Excerpts from a dataset
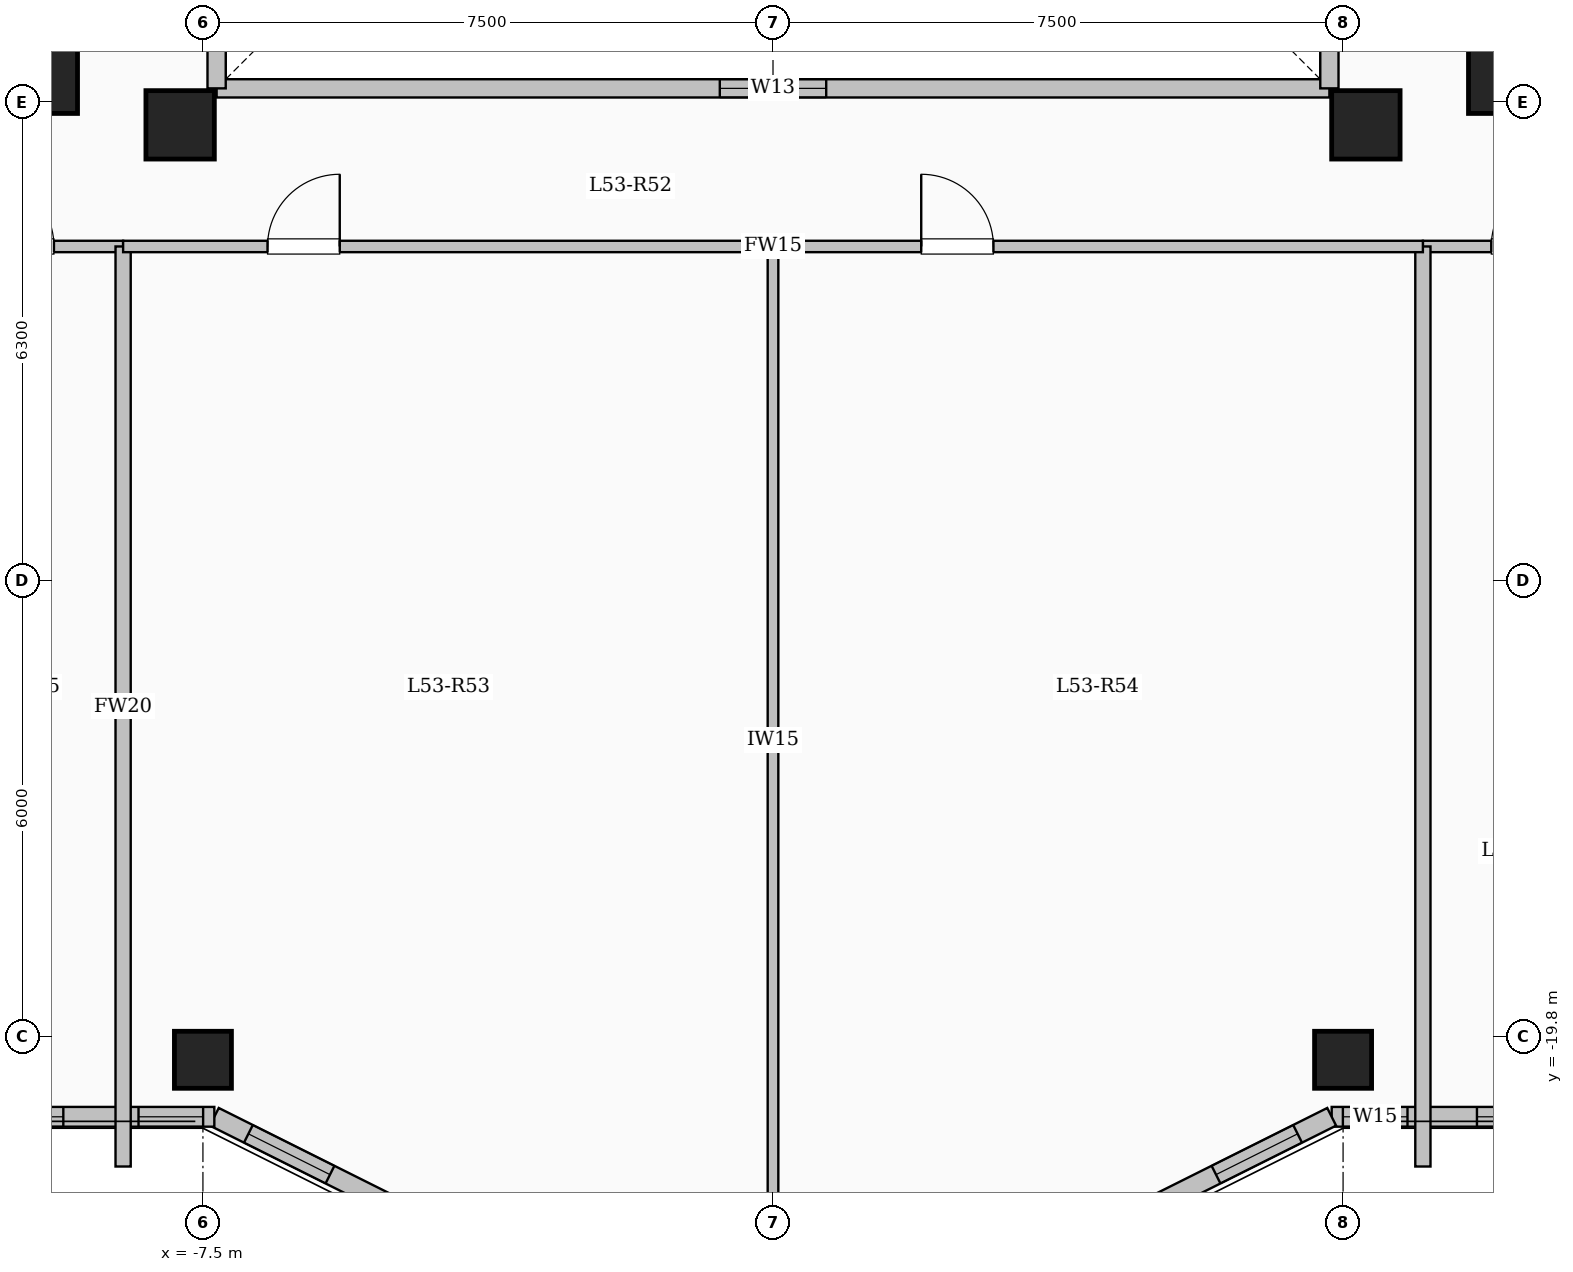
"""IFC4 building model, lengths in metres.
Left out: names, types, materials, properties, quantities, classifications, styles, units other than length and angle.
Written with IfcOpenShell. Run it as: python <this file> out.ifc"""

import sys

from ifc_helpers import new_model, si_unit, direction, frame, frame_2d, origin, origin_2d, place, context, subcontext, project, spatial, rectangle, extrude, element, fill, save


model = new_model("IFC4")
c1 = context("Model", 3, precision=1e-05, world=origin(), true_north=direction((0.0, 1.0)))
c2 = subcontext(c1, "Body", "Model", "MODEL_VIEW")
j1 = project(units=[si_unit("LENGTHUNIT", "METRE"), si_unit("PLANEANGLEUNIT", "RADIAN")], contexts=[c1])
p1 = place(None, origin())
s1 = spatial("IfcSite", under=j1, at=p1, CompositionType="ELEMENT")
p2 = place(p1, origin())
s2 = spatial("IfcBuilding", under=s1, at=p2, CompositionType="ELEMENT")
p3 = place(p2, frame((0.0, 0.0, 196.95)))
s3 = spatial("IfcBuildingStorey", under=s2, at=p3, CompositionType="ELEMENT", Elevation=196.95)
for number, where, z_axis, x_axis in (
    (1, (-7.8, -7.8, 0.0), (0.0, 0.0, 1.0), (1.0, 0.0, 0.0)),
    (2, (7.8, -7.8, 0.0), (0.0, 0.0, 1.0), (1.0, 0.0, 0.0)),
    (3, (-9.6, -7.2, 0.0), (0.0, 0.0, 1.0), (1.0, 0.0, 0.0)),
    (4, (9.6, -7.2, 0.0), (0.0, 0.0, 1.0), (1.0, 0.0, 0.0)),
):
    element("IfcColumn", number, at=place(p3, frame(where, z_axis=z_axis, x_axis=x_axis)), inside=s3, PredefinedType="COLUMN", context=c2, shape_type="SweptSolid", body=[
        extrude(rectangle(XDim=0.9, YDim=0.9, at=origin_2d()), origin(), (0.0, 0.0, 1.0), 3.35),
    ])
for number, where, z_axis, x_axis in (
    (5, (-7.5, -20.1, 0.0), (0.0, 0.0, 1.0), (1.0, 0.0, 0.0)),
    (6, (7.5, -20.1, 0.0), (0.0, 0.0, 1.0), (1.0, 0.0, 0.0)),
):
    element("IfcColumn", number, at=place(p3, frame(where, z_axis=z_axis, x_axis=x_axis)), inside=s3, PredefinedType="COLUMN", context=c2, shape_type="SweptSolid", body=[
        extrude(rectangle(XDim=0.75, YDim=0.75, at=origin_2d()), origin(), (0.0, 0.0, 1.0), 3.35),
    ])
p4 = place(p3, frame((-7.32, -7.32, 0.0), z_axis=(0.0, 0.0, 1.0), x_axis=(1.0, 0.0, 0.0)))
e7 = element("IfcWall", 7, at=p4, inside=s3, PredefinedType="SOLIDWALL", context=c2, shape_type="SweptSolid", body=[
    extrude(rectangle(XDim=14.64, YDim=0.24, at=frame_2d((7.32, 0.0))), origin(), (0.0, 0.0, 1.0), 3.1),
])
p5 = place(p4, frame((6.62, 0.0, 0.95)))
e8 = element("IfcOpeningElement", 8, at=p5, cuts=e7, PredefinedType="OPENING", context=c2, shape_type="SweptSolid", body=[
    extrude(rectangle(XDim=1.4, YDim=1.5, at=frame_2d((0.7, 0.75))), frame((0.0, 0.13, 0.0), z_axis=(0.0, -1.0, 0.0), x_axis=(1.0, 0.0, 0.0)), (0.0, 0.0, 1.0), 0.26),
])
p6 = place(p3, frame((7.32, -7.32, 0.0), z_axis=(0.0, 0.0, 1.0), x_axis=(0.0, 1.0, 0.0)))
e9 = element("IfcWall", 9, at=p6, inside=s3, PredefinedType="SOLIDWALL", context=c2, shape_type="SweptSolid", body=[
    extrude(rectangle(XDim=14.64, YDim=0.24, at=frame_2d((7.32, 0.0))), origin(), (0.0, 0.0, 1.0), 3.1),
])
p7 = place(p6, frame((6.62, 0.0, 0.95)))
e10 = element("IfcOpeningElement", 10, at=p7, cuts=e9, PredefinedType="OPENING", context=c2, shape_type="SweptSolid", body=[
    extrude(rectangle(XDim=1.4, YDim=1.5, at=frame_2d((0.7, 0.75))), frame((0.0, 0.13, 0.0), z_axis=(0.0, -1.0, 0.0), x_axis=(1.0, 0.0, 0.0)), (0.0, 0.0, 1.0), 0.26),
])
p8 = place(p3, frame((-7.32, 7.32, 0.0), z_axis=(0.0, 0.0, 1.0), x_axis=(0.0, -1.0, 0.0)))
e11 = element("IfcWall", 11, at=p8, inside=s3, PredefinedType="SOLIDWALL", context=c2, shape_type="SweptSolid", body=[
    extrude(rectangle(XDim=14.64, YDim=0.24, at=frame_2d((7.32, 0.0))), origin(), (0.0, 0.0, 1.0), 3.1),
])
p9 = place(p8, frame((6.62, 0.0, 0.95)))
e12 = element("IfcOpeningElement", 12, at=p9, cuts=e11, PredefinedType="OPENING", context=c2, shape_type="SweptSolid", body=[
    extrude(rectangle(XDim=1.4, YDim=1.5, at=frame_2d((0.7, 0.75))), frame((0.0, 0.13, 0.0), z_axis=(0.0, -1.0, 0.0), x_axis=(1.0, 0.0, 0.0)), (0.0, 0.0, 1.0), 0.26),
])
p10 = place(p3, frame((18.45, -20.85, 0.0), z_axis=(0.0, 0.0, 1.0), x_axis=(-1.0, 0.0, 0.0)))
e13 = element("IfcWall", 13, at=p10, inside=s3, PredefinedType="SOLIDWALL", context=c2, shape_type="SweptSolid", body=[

* About this task *
Exact copies of the lines from the one holding "x_axis=(0.0, -1.0, 0.0)))" through the last line above, and only those, make up the answer.

* Exercise output *
p8 = place(p3, frame((-7.32, 7.32, 0.0), z_axis=(0.0, 0.0, 1.0), x_axis=(0.0, -1.0, 0.0)))
e11 = element("IfcWall", 11, at=p8, inside=s3, PredefinedType="SOLIDWALL", context=c2, shape_type="SweptSolid", body=[
    extrude(rectangle(XDim=14.64, YDim=0.24, at=frame_2d((7.32, 0.0))), origin(), (0.0, 0.0, 1.0), 3.1),
])
p9 = place(p8, frame((6.62, 0.0, 0.95)))
e12 = element("IfcOpeningElement", 12, at=p9, cuts=e11, PredefinedType="OPENING", context=c2, shape_type="SweptSolid", body=[
    extrude(rectangle(XDim=1.4, YDim=1.5, at=frame_2d((0.7, 0.75))), frame((0.0, 0.13, 0.0), z_axis=(0.0, -1.0, 0.0), x_axis=(1.0, 0.0, 0.0)), (0.0, 0.0, 1.0), 0.26),
])
p10 = place(p3, frame((18.45, -20.85, 0.0), z_axis=(0.0, 0.0, 1.0), x_axis=(-1.0, 0.0, 0.0)))
e13 = element("IfcWall", 13, at=p10, inside=s3, PredefinedType="SOLIDWALL", context=c2, shape_type="SweptSolid", body=[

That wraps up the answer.